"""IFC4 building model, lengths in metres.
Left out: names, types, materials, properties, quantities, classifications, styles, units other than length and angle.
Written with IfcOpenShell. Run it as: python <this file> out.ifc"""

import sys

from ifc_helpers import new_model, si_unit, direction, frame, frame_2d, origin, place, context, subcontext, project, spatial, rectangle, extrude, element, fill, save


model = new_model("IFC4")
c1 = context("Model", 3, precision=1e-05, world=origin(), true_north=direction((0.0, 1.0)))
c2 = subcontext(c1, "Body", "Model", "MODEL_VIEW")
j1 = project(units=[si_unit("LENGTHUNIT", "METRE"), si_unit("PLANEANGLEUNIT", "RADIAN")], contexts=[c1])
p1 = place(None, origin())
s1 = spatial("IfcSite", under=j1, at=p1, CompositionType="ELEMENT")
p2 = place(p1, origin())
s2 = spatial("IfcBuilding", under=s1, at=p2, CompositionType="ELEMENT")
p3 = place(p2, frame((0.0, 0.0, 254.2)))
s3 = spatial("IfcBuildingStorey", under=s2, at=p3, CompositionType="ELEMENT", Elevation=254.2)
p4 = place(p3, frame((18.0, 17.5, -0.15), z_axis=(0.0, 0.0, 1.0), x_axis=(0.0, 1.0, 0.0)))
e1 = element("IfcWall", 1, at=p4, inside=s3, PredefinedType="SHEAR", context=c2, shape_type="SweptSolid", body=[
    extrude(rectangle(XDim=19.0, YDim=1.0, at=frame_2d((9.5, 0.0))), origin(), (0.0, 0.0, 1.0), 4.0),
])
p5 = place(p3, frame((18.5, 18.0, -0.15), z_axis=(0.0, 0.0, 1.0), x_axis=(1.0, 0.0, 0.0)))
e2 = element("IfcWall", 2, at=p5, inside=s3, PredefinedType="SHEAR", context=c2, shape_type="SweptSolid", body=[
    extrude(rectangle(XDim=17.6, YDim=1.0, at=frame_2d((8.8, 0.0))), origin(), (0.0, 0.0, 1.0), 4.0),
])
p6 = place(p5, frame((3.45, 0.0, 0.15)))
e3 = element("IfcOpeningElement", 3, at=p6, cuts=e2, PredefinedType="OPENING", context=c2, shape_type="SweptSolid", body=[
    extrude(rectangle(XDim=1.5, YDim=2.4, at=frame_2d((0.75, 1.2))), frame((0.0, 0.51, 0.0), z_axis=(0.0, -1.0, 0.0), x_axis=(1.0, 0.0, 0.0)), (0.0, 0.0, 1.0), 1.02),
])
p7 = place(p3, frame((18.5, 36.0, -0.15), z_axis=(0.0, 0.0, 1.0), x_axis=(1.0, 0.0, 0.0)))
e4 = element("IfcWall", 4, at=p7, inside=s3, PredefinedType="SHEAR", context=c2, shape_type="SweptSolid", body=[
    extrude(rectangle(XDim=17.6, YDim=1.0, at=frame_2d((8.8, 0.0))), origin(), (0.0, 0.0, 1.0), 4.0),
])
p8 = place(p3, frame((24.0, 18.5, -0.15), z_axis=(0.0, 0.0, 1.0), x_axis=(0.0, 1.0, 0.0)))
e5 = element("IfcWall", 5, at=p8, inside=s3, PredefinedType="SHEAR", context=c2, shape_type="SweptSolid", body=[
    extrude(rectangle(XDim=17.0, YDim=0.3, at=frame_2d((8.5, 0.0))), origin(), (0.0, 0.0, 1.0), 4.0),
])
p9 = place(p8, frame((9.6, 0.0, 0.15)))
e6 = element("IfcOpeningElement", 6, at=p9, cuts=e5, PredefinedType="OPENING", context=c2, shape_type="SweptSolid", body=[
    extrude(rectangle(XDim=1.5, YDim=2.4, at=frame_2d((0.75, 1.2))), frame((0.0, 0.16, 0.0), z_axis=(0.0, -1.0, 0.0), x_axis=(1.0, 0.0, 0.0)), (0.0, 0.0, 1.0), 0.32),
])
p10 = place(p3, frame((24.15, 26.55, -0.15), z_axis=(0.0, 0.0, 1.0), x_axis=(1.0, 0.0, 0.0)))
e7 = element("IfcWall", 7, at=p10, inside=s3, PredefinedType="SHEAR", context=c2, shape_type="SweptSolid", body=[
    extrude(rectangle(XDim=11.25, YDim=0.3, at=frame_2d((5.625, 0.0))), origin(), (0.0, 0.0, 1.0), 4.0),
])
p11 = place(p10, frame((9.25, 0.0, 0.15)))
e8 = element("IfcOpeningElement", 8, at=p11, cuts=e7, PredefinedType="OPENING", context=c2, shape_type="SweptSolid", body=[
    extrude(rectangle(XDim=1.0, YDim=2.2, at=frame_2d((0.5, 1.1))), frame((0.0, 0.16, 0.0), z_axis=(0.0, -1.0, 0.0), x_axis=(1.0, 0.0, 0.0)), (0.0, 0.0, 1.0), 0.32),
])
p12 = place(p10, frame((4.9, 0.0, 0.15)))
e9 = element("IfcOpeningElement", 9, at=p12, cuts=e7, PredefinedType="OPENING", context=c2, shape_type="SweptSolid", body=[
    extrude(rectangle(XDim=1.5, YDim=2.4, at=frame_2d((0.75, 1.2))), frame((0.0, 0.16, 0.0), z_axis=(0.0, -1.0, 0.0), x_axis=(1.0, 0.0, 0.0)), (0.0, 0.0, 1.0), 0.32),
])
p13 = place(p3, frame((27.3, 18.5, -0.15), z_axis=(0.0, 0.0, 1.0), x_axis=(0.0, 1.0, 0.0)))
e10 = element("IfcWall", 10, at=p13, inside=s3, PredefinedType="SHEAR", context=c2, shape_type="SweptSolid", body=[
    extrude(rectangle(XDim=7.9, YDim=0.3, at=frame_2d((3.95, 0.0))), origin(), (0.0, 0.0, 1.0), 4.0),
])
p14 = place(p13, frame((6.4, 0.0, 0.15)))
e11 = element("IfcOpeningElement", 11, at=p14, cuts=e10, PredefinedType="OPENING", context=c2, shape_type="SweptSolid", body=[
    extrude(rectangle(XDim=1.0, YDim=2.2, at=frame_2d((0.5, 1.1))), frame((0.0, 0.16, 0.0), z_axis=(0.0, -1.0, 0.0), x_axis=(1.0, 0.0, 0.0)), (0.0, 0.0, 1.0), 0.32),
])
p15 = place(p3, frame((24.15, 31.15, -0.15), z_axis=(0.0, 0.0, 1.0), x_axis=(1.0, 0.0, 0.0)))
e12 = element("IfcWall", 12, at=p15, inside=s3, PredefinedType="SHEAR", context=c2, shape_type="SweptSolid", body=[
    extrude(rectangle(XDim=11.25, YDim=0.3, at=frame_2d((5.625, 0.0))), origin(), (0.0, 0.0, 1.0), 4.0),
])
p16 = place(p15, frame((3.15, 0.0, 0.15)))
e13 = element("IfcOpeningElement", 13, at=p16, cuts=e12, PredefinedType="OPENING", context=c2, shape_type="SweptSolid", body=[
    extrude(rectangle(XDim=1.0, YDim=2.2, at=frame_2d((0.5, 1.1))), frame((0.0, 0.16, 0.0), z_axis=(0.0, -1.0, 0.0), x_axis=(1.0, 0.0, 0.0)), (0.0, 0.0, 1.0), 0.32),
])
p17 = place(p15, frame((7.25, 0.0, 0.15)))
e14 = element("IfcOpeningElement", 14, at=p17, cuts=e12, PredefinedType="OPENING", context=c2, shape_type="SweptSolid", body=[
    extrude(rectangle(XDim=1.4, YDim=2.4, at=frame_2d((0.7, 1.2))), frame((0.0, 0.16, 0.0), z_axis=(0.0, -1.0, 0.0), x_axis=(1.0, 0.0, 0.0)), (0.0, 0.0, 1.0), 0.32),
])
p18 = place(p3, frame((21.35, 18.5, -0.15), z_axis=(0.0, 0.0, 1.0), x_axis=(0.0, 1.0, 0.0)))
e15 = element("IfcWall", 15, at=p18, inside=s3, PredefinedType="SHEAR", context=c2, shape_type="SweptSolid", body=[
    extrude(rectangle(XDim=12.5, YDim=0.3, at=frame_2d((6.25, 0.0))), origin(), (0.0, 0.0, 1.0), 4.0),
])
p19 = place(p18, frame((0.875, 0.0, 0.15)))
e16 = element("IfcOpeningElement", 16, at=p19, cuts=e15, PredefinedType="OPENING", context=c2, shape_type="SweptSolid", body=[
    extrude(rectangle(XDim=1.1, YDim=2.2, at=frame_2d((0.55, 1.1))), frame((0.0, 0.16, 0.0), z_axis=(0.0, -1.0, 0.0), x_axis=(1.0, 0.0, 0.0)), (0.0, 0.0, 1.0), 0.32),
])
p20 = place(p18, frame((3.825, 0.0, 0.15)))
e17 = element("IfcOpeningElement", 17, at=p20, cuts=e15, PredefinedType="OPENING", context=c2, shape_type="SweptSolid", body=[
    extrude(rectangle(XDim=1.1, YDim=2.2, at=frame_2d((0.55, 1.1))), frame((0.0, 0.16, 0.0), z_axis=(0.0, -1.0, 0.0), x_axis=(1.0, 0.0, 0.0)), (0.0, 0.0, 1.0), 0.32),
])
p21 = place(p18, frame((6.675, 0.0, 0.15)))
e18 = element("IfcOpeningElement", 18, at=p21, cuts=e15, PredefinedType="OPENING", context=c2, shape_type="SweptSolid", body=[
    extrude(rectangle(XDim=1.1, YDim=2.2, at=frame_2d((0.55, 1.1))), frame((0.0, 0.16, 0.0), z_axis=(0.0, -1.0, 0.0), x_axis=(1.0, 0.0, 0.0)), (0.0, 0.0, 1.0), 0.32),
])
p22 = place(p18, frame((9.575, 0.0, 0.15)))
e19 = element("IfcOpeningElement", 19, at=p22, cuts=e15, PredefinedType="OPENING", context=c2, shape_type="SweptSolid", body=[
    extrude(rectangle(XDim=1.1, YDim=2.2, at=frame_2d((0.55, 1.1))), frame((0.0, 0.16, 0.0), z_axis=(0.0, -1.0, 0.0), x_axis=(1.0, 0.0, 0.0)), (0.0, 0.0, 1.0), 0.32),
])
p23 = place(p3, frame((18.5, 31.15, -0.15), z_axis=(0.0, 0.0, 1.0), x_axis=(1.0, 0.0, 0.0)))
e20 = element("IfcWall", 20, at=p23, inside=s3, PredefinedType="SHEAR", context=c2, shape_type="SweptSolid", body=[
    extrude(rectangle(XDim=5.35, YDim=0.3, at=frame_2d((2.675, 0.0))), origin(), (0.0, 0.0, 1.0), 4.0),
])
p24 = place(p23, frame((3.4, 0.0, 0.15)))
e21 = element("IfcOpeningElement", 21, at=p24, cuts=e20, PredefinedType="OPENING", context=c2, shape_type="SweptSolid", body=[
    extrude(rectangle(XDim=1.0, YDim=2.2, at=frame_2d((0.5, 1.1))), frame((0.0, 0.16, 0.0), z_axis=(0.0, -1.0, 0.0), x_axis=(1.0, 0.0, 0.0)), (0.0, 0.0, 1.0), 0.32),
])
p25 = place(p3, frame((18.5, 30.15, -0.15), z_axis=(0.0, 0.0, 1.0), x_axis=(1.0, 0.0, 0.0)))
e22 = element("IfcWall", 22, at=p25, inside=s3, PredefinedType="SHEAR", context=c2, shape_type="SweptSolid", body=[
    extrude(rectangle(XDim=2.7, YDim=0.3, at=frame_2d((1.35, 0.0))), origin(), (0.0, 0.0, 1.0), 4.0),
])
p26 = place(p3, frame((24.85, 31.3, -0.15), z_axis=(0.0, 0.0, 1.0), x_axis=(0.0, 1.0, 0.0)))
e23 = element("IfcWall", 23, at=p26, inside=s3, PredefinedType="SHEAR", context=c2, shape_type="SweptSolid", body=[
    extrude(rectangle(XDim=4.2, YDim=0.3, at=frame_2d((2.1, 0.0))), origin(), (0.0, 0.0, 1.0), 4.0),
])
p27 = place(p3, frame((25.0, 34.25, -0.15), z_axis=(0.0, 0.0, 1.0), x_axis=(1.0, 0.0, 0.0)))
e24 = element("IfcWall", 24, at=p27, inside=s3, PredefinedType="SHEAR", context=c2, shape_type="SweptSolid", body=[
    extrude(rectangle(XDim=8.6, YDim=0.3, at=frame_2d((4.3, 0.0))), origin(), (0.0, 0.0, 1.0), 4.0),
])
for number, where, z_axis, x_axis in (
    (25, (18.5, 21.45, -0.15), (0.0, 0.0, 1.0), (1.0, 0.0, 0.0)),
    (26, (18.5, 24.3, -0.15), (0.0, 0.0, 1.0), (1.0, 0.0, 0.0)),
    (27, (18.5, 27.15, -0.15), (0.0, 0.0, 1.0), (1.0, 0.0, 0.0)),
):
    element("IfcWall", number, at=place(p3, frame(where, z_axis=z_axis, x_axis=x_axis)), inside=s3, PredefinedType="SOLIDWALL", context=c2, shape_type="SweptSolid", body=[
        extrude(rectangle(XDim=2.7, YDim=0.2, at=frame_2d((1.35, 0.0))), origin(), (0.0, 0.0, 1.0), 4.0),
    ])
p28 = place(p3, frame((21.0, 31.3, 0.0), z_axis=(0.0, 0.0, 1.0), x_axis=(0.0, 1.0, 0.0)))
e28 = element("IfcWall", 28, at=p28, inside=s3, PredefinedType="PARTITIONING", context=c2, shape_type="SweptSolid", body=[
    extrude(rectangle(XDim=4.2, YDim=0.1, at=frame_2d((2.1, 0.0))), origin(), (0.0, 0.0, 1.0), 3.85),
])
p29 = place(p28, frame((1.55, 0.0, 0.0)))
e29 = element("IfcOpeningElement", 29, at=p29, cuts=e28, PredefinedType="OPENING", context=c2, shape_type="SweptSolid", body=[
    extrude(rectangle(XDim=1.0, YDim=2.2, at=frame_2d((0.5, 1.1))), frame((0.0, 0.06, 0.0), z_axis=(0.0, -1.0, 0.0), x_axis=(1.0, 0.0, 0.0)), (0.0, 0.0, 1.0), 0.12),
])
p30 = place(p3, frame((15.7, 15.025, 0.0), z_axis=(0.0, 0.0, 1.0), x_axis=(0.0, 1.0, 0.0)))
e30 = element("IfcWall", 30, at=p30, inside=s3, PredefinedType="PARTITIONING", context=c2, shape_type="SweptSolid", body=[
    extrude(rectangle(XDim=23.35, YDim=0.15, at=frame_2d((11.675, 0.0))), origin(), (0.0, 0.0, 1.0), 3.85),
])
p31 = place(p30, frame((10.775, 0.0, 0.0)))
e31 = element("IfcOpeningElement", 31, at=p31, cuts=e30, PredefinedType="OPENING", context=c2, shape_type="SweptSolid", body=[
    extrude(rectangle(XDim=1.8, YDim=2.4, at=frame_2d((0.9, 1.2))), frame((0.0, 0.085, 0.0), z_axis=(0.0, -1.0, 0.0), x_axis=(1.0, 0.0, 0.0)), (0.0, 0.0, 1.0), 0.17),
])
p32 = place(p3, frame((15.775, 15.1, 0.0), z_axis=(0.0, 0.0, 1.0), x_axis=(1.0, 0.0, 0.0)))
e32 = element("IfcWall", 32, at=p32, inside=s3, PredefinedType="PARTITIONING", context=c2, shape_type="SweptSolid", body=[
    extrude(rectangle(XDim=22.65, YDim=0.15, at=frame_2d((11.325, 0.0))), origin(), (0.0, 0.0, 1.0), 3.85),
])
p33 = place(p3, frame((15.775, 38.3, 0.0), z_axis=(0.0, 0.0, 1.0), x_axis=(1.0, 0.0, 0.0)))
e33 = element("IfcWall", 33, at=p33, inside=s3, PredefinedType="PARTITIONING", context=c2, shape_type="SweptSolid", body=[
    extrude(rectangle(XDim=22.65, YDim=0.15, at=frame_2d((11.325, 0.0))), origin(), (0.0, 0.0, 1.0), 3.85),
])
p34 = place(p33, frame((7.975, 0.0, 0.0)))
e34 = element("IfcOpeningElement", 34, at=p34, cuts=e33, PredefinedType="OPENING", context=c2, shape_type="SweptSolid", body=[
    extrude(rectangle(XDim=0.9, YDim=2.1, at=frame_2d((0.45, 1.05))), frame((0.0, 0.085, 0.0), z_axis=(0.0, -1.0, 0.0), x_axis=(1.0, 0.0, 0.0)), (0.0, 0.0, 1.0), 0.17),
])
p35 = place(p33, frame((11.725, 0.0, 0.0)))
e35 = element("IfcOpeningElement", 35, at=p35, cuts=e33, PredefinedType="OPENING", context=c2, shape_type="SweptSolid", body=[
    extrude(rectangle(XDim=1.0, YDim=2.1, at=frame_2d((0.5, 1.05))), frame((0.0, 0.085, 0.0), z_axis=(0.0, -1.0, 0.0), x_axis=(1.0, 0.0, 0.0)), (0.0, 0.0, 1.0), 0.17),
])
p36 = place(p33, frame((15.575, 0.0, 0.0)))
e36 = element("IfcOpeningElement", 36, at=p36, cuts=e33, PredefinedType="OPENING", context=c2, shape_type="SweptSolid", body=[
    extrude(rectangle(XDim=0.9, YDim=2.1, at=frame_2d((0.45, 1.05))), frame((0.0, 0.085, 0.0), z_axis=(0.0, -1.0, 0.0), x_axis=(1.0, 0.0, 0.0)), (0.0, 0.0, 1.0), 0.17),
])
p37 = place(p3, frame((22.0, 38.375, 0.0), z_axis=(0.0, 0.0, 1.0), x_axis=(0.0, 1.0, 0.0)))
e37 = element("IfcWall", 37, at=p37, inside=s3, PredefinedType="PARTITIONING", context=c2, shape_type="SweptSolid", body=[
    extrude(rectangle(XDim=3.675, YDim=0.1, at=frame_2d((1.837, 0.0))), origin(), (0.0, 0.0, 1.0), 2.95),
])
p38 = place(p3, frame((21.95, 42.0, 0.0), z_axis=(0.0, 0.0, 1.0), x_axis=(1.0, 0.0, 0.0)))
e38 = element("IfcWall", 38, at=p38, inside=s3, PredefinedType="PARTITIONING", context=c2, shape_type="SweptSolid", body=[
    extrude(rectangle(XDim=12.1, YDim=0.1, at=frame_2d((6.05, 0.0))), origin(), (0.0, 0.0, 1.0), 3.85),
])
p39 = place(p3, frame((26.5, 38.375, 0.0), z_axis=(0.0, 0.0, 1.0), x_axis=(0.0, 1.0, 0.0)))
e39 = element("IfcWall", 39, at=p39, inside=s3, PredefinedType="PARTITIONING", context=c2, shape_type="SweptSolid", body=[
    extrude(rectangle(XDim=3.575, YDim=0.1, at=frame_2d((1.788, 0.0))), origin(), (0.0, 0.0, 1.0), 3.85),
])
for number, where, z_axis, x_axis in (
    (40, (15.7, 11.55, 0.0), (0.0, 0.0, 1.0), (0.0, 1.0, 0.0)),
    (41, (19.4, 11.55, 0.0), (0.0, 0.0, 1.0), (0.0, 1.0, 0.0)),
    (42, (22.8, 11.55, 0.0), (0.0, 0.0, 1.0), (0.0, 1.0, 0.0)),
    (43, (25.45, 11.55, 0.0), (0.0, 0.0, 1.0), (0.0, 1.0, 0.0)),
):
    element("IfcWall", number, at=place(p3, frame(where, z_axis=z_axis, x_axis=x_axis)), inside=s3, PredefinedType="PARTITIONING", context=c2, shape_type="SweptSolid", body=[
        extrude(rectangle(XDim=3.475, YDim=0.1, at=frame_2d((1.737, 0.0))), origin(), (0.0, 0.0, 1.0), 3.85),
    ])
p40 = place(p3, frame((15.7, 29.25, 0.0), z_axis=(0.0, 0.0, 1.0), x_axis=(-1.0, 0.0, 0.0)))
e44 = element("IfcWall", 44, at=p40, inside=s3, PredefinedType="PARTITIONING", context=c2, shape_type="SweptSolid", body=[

▶ **The problem**
Count the lines of these entries that hold the string "direction", and give only that number.

▶ **Result for this task**
2